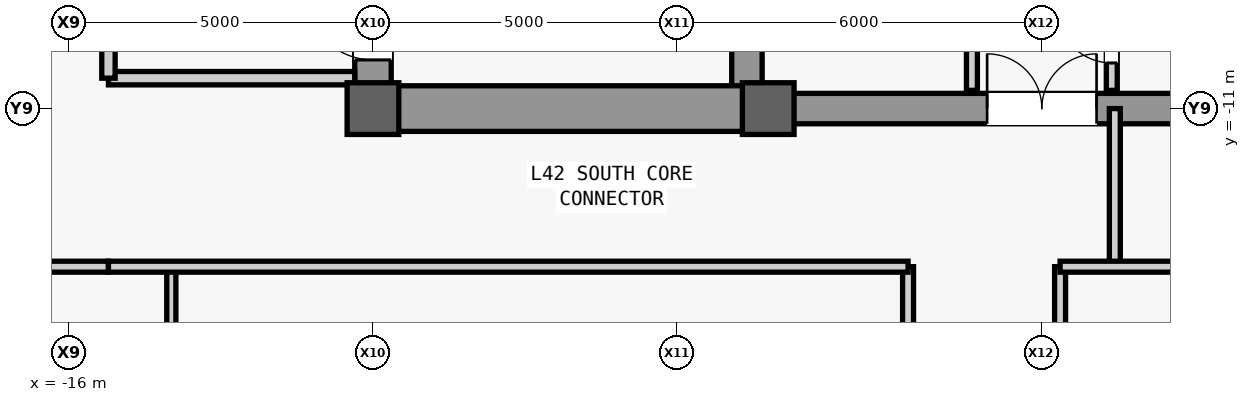
"""IFC4 building model, lengths in metres.
Left out: names, types, materials, properties, quantities, classifications, styles, units other than length and angle.
Written with IfcOpenShell. Run it as: python <this file> out.ifc"""

import sys

from ifc_helpers import new_model, si_unit, direction, frame, frame_2d, origin, origin_2d, place, context, subcontext, project, spatial, rectangle, extrude, source, transform, mapped, element, fill, save


model = new_model("IFC4")
c1 = context("Model", 3, precision=1e-05, world=origin(), true_north=direction((0.0, 1.0)))
c2 = subcontext(c1, "Body", "Model", "MODEL_VIEW")
j1 = project(units=[si_unit("LENGTHUNIT", "METRE"), si_unit("PLANEANGLEUNIT", "RADIAN")], contexts=[c1])
p1 = place(None, origin())
s1 = spatial("IfcSite", under=j1, at=p1, CompositionType="ELEMENT")
p2 = place(p1, origin())
s2 = spatial("IfcBuilding", under=s1, at=p2, CompositionType="ELEMENT")
p3 = place(p2, frame((0.0, 0.0, 183.1)))
s3 = spatial("IfcBuildingStorey", under=s2, at=p3, CompositionType="ELEMENT", Elevation=183.1)
m1 = source(origin(), c2, "Body", "SweptSolid", [
    extrude(rectangle(XDim=22.0, YDim=0.6, at=frame_2d((11.0, 0.0))), origin(), (0.0, 0.0, 1.0), 3.78),
])
p4 = place(p3, frame((-11.0, -11.0, 0.0), z_axis=(0.0, 0.0, 1.0), x_axis=(0.0, 1.0, 0.0)))
e1 = element("IfcWall", 1, at=p4, inside=s3, PredefinedType="SHEAR", context=c2, shape_type="MappedRepresentation", body=[
    mapped(m1, transform((0.0, 0.0, 0.0), scale=1.0)),
])
m2 = source(origin(), c2, "Body", "SweptSolid", [
    extrude(rectangle(XDim=1.1, YDim=2.2, at=frame_2d((0.55, 1.1))), frame((0.0, 0.31, 0.0), z_axis=(0.0, -1.0, 0.0), x_axis=(1.0, 0.0, 0.0)), (0.0, 0.0, 1.0), 0.62),
])
p5 = place(p4, frame((0.8, 0.0, 0.0)))
e2 = element("IfcOpeningElement", 2, at=p5, cuts=e1, PredefinedType="OPENING", context=c2, shape_type="MappedRepresentation", body=[
    mapped(m2, transform((0.0, 0.0, 0.0), scale=1.0)),
])
p6 = place(p4, frame((12.5, 0.0, 0.0)))
e3 = element("IfcOpeningElement", 3, at=p6, cuts=e1, PredefinedType="OPENING", context=c2, shape_type="MappedRepresentation", body=[
    mapped(m2, transform((0.0, 0.0, 0.0), scale=1.0)),
])
m3 = source(origin(), c2, "Body", "SweptSolid", [
    extrude(rectangle(XDim=0.9, YDim=2.15, at=frame_2d((0.45, 1.075))), frame((0.0, 0.31, 0.0), z_axis=(0.0, -1.0, 0.0), x_axis=(1.0, 0.0, 0.0)), (0.0, 0.0, 1.0), 0.62),
])
p7 = place(p4, frame((6.2, 0.0, 0.0)))
e4 = element("IfcOpeningElement", 4, at=p7, cuts=e1, PredefinedType="OPENING", context=c2, shape_type="MappedRepresentation", body=[
    mapped(m3, transform((0.0, 0.0, 0.0), scale=1.0)),
])
p8 = place(p4, frame((8.05, 0.0, 0.0)))
e5 = element("IfcOpeningElement", 5, at=p8, cuts=e1, PredefinedType="OPENING", context=c2, shape_type="MappedRepresentation", body=[
    mapped(m3, transform((0.0, 0.0, 0.0), scale=1.0)),
])
m4 = source(origin(), c2, "Body", "SweptSolid", [
    extrude(rectangle(XDim=1.3, YDim=2.3, at=frame_2d((0.65, 1.15))), frame((0.0, 0.31, 0.0), z_axis=(0.0, -1.0, 0.0), x_axis=(1.0, 0.0, 0.0)), (0.0, 0.0, 1.0), 0.62),
])
p9 = place(p4, frame((2.7, 0.0, 0.0)))
e6 = element("IfcOpeningElement", 6, at=p9, cuts=e1, PredefinedType="OPENING", context=c2, shape_type="MappedRepresentation", body=[
    mapped(m4, transform((0.0, 0.0, 0.0), scale=1.0)),
])
m5 = source(origin(), c2, "Body", "SweptSolid", [
    extrude(rectangle(XDim=21.4, YDim=0.5, at=frame_2d((10.7, 0.0))), origin(), (0.0, 0.0, 1.0), 3.78),
])
p10 = place(p3, frame((-4.85, -10.7, 0.0), z_axis=(0.0, 0.0, 1.0), x_axis=(0.0, 1.0, 0.0)))
e7 = element("IfcWall", 7, at=p10, inside=s3, PredefinedType="SHEAR", context=c2, shape_type="MappedRepresentation", body=[
    mapped(m5, transform((0.0, 0.0, 0.0), scale=1.0)),
])
m6 = source(origin(), c2, "Body", "SweptSolid", [
    extrude(rectangle(XDim=5.85, YDim=0.75, at=frame_2d((2.925, 0.0))), origin(), (0.0, 0.0, 1.0), 3.78),
])
p11 = place(p3, frame((-10.7, -11.0, 0.0), z_axis=(0.0, 0.0, 1.0), x_axis=(1.0, 0.0, 0.0)))
e8 = element("IfcWall", 8, at=p11, inside=s3, PredefinedType="SHEAR", context=c2, shape_type="MappedRepresentation", body=[
    mapped(m6, transform((0.0, 0.0, 0.0), scale=1.0)),
])
m7 = source(origin(), c2, "Body", "SweptSolid", [
    extrude(rectangle(XDim=9.2, YDim=0.5, at=frame_2d((4.6, 0.0))), origin(), (0.0, 0.0, 1.0), 3.78),
])
p12 = place(p3, frame((-4.6, -11.0, 0.0), z_axis=(0.0, 0.0, 1.0), x_axis=(1.0, 0.0, 0.0)))
e9 = element("IfcWall", 9, at=p12, inside=s3, PredefinedType="SHEAR", context=c2, shape_type="MappedRepresentation", body=[
    mapped(m7, transform((0.0, 0.0, 0.0), scale=1.0)),
])
m8 = source(origin(), c2, "Body", "SweptSolid", [
    extrude(rectangle(XDim=1.8, YDim=2.25, at=frame_2d((0.9, 1.125))), frame((0.0, 0.26, 0.0), z_axis=(0.0, -1.0, 0.0), x_axis=(1.0, 0.0, 0.0)), (0.0, 0.0, 1.0), 0.52),
])
p13 = place(p12, frame((3.7, 0.0, 0.0)))
e10 = element("IfcOpeningElement", 10, at=p13, cuts=e9, PredefinedType="OPENING", context=c2, shape_type="MappedRepresentation", body=[
    mapped(m8, transform((0.0, 0.0, 0.0), scale=1.0)),
])
m9 = source(origin(), c2, "Body", "SweptSolid", [
    extrude(rectangle(XDim=0.85, YDim=0.85, at=origin_2d()), origin(), (0.0, 0.0, 1.0), 4.0),
])
for number, where, z_axis, x_axis in (
    (11, (-11.0, -11.0, 0.0), (0.0, 0.0, 1.0), (1.0, 0.0, 0.0)),
    (12, (-4.5, -11.0, 0.0), (0.0, 0.0, 1.0), (1.0, 0.0, 0.0)),
):
    element("IfcColumn", number, at=place(p3, frame(where, z_axis=z_axis, x_axis=x_axis)), inside=s3, PredefinedType="COLUMN", context=c2, shape_type="MappedRepresentation", body=[
        mapped(m9, transform((0.0, 0.0, 0.0), scale=1.0)),
    ])
m10 = source(origin(), c2, "Body", "SweptSolid", [
    extrude(rectangle(XDim=4.05, YDim=0.22, at=frame_2d((2.025, 0.0))), origin(), (0.0, 0.0, 1.0), 3.78),
])
p14 = place(p3, frame((-15.35, -10.5, 0.0), z_axis=(0.0, 0.0, 1.0), x_axis=(1.0, 0.0, 0.0)))
e13 = element("IfcWall", 13, at=p14, inside=s3, PredefinedType="PARTITIONING", context=c2, shape_type="MappedRepresentation", body=[
    mapped(m10, transform((0.0, 0.0, 0.0), scale=1.0)),
])
m11 = source(origin(), c2, "Body", "SweptSolid", [
    extrude(rectangle(XDim=4.4, YDim=0.22, at=frame_2d((2.2, 0.0))), origin(), (0.0, 0.0, 1.0), 3.78),
])
p15 = place(p3, frame((-15.35, -10.5, 0.0), z_axis=(0.0, 0.0, 1.0), x_axis=(0.0, 1.0, 0.0)))
e14 = element("IfcWall", 14, at=p15, inside=s3, PredefinedType="PARTITIONING", context=c2, shape_type="MappedRepresentation", body=[
    mapped(m11, transform((0.0, 0.0, 0.0), scale=1.0)),
])
m12 = source(origin(), c2, "Body", "SweptSolid", [
    extrude(rectangle(XDim=1.2, YDim=2.2, at=frame_2d((0.6, 1.1))), frame((0.0, 0.12, 0.0), z_axis=(0.0, -1.0, 0.0), x_axis=(1.0, 0.0, 0.0)), (0.0, 0.0, 1.0), 0.24),
])
p16 = place(p15, frame((1.6, 0.0, 0.0)))
e15 = element("IfcOpeningElement", 15, at=p16, cuts=e14, PredefinedType="OPENING", context=c2, shape_type="MappedRepresentation", body=[
    mapped(m12, transform((0.0, 0.0, 0.0), scale=1.0)),
])
m13 = source(origin(), c2, "Body", "SweptSolid", [
    extrude(rectangle(XDim=5.4, YDim=0.18, at=frame_2d((2.7, 0.0))), origin(), (0.0, 0.0, 1.0), 3.78),
])
p17 = place(p3, frame((-1.15, -10.7, 0.0), z_axis=(0.0, 0.0, 1.0), x_axis=(0.0, 1.0, 0.0)))
e16 = element("IfcWall", 16, at=p17, inside=s3, PredefinedType="PARTITIONING", context=c2, shape_type="MappedRepresentation", body=[
    mapped(m13, transform((0.0, 0.0, 0.0), scale=1.0)),
])
m14 = source(origin(), c2, "Body", "SweptSolid", [
    extrude(rectangle(XDim=0.9, YDim=2.15, at=frame_2d((0.45, 1.075))), frame((0.0, 0.1, 0.0), z_axis=(0.0, -1.0, 0.0), x_axis=(1.0, 0.0, 0.0)), (0.0, 0.0, 1.0), 0.2),
])
p18 = place(p17, frame((2.25, 0.0, 0.0)))
e17 = element("IfcOpeningElement", 17, at=p18, cuts=e16, PredefinedType="OPENING", context=c2, shape_type="MappedRepresentation", body=[
    mapped(m14, transform((0.0, 0.0, 0.0), scale=1.0)),
])
p19 = place(p3, frame((1.15, -10.7, 0.0), z_axis=(0.0, 0.0, 1.0), x_axis=(0.0, 1.0, 0.0)))
e18 = element("IfcWall", 18, at=p19, inside=s3, PredefinedType="PARTITIONING", context=c2, shape_type="MappedRepresentation", body=[
    mapped(m13, transform((0.0, 0.0, 0.0), scale=1.0)),
])
p20 = place(p19, frame((0.45, 0.0, 0.0)))
e19 = element("IfcOpeningElement", 19, at=p20, cuts=e18, PredefinedType="OPENING", context=c2, shape_type="MappedRepresentation", body=[
    mapped(m14, transform((0.0, 0.0, 0.0), scale=1.0)),
])
p21 = place(p19, frame((2.25, 0.0, 0.0)))
e20 = element("IfcOpeningElement", 20, at=p21, cuts=e18, PredefinedType="OPENING", context=c2, shape_type="MappedRepresentation", body=[
    mapped(m14, transform((0.0, 0.0, 0.0), scale=1.0)),
])
p22 = place(p19, frame((4.05, 0.0, 0.0)))
e21 = element("IfcOpeningElement", 21, at=p22, cuts=e18, PredefinedType="OPENING", context=c2, shape_type="MappedRepresentation", body=[
    mapped(m14, transform((0.0, 0.0, 0.0), scale=1.0)),
])
m15 = source(origin(), c2, "Body", "SweptSolid", [
    extrude(rectangle(XDim=2.45, YDim=0.18, at=frame_2d((1.225, 0.0))), origin(), (0.0, 0.0, 1.0), 3.78),
])
p23 = place(p3, frame((-17.8, -13.6, 0.0), z_axis=(0.0, 0.0, 1.0), x_axis=(1.0, 0.0, 0.0)))
e22 = element("IfcWall", 22, at=p23, inside=s3, PredefinedType="PARTITIONING", context=c2, shape_type="MappedRepresentation", body=[
    mapped(m15, transform((0.0, 0.0, 0.0), scale=1.0)),
])
m16 = source(origin(), c2, "Body", "SweptSolid", [
    extrude(rectangle(XDim=2.6, YDim=0.18, at=frame_2d((1.3, 0.0))), origin(), (0.0, 0.0, 1.0), 3.78),
])
p24 = place(p3, frame((1.2, -13.6, 0.0), z_axis=(0.0, 0.0, 1.0), x_axis=(0.0, 1.0, 0.0)))
e23 = element("IfcWall", 23, at=p24, inside=s3, PredefinedType="PARTITIONING", context=c2, shape_type="MappedRepresentation", body=[
    mapped(m16, transform((0.0, 0.0, 0.0), scale=1.0)),
])
m17 = source(origin(), c2, "Body", "SweptSolid", [
    extrude(rectangle(XDim=16.4, YDim=0.15, at=frame_2d((8.2, 0.0))), origin(), (0.0, 0.0, 1.0), 3.78),
])
p25 = place(p3, frame((-14.316, -30.0, 0.0), z_axis=(0.0, 0.0, 1.0), x_axis=(0.0, 1.0, 0.0)))
e24 = element("IfcWall", 24, at=p25, inside=s3, PredefinedType="PARTITIONING", context=c2, shape_type="MappedRepresentation", body=[
    mapped(m17, transform((0.0, 0.0, 0.0), scale=1.0)),
])
m18 = source(origin(), c2, "Body", "SweptSolid", [
    extrude(rectangle(XDim=0.95, YDim=2.15, at=frame_2d((0.475, 1.075))), frame((0.0, 0.085, 0.0), z_axis=(0.0, -1.0, 0.0), x_axis=(1.0, 0.0, 0.0)), (0.0, 0.0, 1.0), 0.17),
])
p26 = place(p25, frame((11.825, 0.0, 0.0)))
e25 = element("IfcOpeningElement", 25, at=p26, cuts=e24, PredefinedType="OPENING", context=c2, shape_type="MappedRepresentation", body=[
    mapped(m18, transform((0.0, 0.0, 0.0), scale=1.0)),
])
m19 = source(origin(), c2, "Body", "SweptSolid", [
    extrude(rectangle(XDim=16.4, YDim=0.18, at=frame_2d((8.2, 0.0))), origin(), (0.0, 0.0, 1.0), 3.78),
])
p27 = place(p3, frame((-2.2, -30.0, 0.0), z_axis=(0.0, 0.0, 1.0), x_axis=(0.0, 1.0, 0.0)))
e26 = element("IfcWall", 26, at=p27, inside=s3, PredefinedType="PARTITIONING", context=c2, shape_type="MappedRepresentation", body=[
    mapped(m19, transform((0.0, 0.0, 0.0), scale=1.0)),
])
m20 = source(origin(), c2, "Body", "SweptSolid", [
    extrude(rectangle(XDim=1.05, YDim=2.2, at=frame_2d((0.525, 1.1))), frame((0.0, 0.1, 0.0), z_axis=(0.0, -1.0, 0.0), x_axis=(1.0, 0.0, 0.0)), (0.0, 0.0, 1.0), 0.2),
])
p28 = place(p27, frame((3.575, 0.0, 0.0)))
e27 = element("IfcOpeningElement", 27, at=p28, cuts=e26, PredefinedType="OPENING", context=c2, shape_type="MappedRepresentation", body=[
    mapped(m20, transform((0.0, 0.0, 0.0), scale=1.0)),
])
m21 = source(origin(), c2, "Body", "SweptSolid", [
    extrude(rectangle(XDim=13.15, YDim=0.18, at=frame_2d((6.575, 0.0))), origin(), (0.0, 0.0, 1.0), 3.78),
])
p29 = place(p3, frame((-15.35, -13.6, 0.0), z_axis=(0.0, 0.0, 1.0), x_axis=(1.0, 0.0, 0.0)))
e28 = element("IfcWall", 28, at=p29, inside=s3, PredefinedType="PARTITIONING", context=c2, shape_type="MappedRepresentation", body=[
    mapped(m21, transform((0.0, 0.0, 0.0), scale=1.0)),
])
m22 = source(origin(), c2, "Body", "SweptSolid", [
    extrude(rectangle(XDim=16.4, YDim=0.18, at=frame_2d((8.2, 0.0))), origin(), (0.0, 0.0, 1.0), 3.007),
])
p30 = place(p3, frame((0.3, -30.0, 0.0), z_axis=(0.0, 0.0, 1.0), x_axis=(0.0, 1.0, 0.0)))
e29 = element("IfcWall", 29, at=p30, inside=s3, PredefinedType="PARTITIONING", context=c2, shape_type="MappedRepresentation", body=[
    mapped(m22, transform((0.0, 0.0, 0.0), scale=1.0)),
])
p31 = place(p30, frame((3.575, 0.0, 0.0)))
e30 = element("IfcOpeningElement", 30, at=p31, cuts=e29, PredefinedType="OPENING", context=c2, shape_type="MappedRepresentation", body=[
    mapped(m20, transform((0.0, 0.0, 0.0), scale=1.0)),
])
m23 = source(origin(), c2, "Body", "SweptSolid", [
    extrude(rectangle(XDim=15.05, YDim=0.18, at=frame_2d((7.525, 0.0))), origin(), (0.0, 0.0, 1.0), 3.78),
])
p32 = place(p3, frame((0.3, -13.6, 0.0), z_axis=(0.0, 0.0, 1.0), x_axis=(1.0, 0.0, 0.0)))
e31 = element("IfcWall", 31, at=p32, inside=s3, PredefinedType="PARTITIONING", context=c2, shape_type="MappedRepresentation", body=[
    mapped(m23, transform((0.0, 0.0, 0.0), scale=1.0)),
])
m24 = source(origin(), c2, "Body", "SweptSolid", [
    extrude(rectangle(XDim=1.1, YDim=2.2, at=frame_2d((0.55, 1.1))), frame((0.0, 0.025, 0.0), z_axis=(0.0, -1.0, 0.0), x_axis=(1.0, 0.0, 0.0)), (0.0, 0.0, 1.0), 0.05),
])
p33 = place(p5, origin())
e32 = element("IfcDoor", 32, at=p33, inside=s3, OperationType="SINGLE_SWING_RIGHT", PredefinedType="DOOR", context=c2, shape_type="MappedRepresentation", body=[
    mapped(m24, transform((0.0, 0.0, 0.0), scale=1.0)),
])
fill(e2, e32)
m25 = source(origin(), c2, "Body", "SweptSolid", [
    extrude(rectangle(XDim=0.9, YDim=2.15, at=frame_2d((0.45, 1.075))), frame((0.0, 0.025, 0.0), z_axis=(0.0, -1.0, 0.0), x_axis=(1.0, 0.0, 0.0)), (0.0, 0.0, 1.0), 0.05),
])
p34 = place(p20, origin())
e33 = element("IfcDoor", 33, at=p34, inside=s3, OperationType="SINGLE_SWING_RIGHT", PredefinedType="DOOR", context=c2, shape_type="MappedRepresentation", body=[
    mapped(m25, transform((0.0, 0.0, 0.0), scale=1.0)),
])
fill(e19, e33)
m26 = source(origin(), c2, "Body", "SweptSolid", [
    extrude(rectangle(XDim=1.8, YDim=2.25, at=frame_2d((0.9, 1.125))), frame((0.0, 0.025, 0.0), z_axis=(0.0, -1.0, 0.0), x_axis=(1.0, 0.0, 0.0)), (0.0, 0.0, 1.0), 0.05),
])
p35 = place(p13, origin())
e34 = element("IfcDoor", 34, at=p35, inside=s3, OperationType="SINGLE_SWING_LEFT", PredefinedType="DOOR", context=c2, shape_type="MappedRepresentation", body=[
    mapped(m26, transform((0.0, 0.0, 0.0), scale=1.0)),
])
fill(e10, e34)
save(model, sys.argv[1])

━━━━━━━━━━

### Work instruction:
Starting at the line where "fill(e19, e33)" appears, write out every line exactly as it stands until the listing ends, and add nothing.

### Final answer:
fill(e19, e33)
m26 = source(origin(), c2, "Body", "SweptSolid", [
    extrude(rectangle(XDim=1.8, YDim=2.25, at=frame_2d((0.9, 1.125))), frame((0.0, 0.025, 0.0), z_axis=(0.0, -1.0, 0.0), x_axis=(1.0, 0.0, 0.0)), (0.0, 0.0, 1.0), 0.05),
])
p35 = place(p13, origin())
e34 = element("IfcDoor", 34, at=p35, inside=s3, OperationType="SINGLE_SWING_LEFT", PredefinedType="DOOR", context=c2, shape_type="MappedRepresentation", body=[
    mapped(m26, transform((0.0, 0.0, 0.0), scale=1.0)),
])
fill(e10, e34)
save(model, sys.argv[1])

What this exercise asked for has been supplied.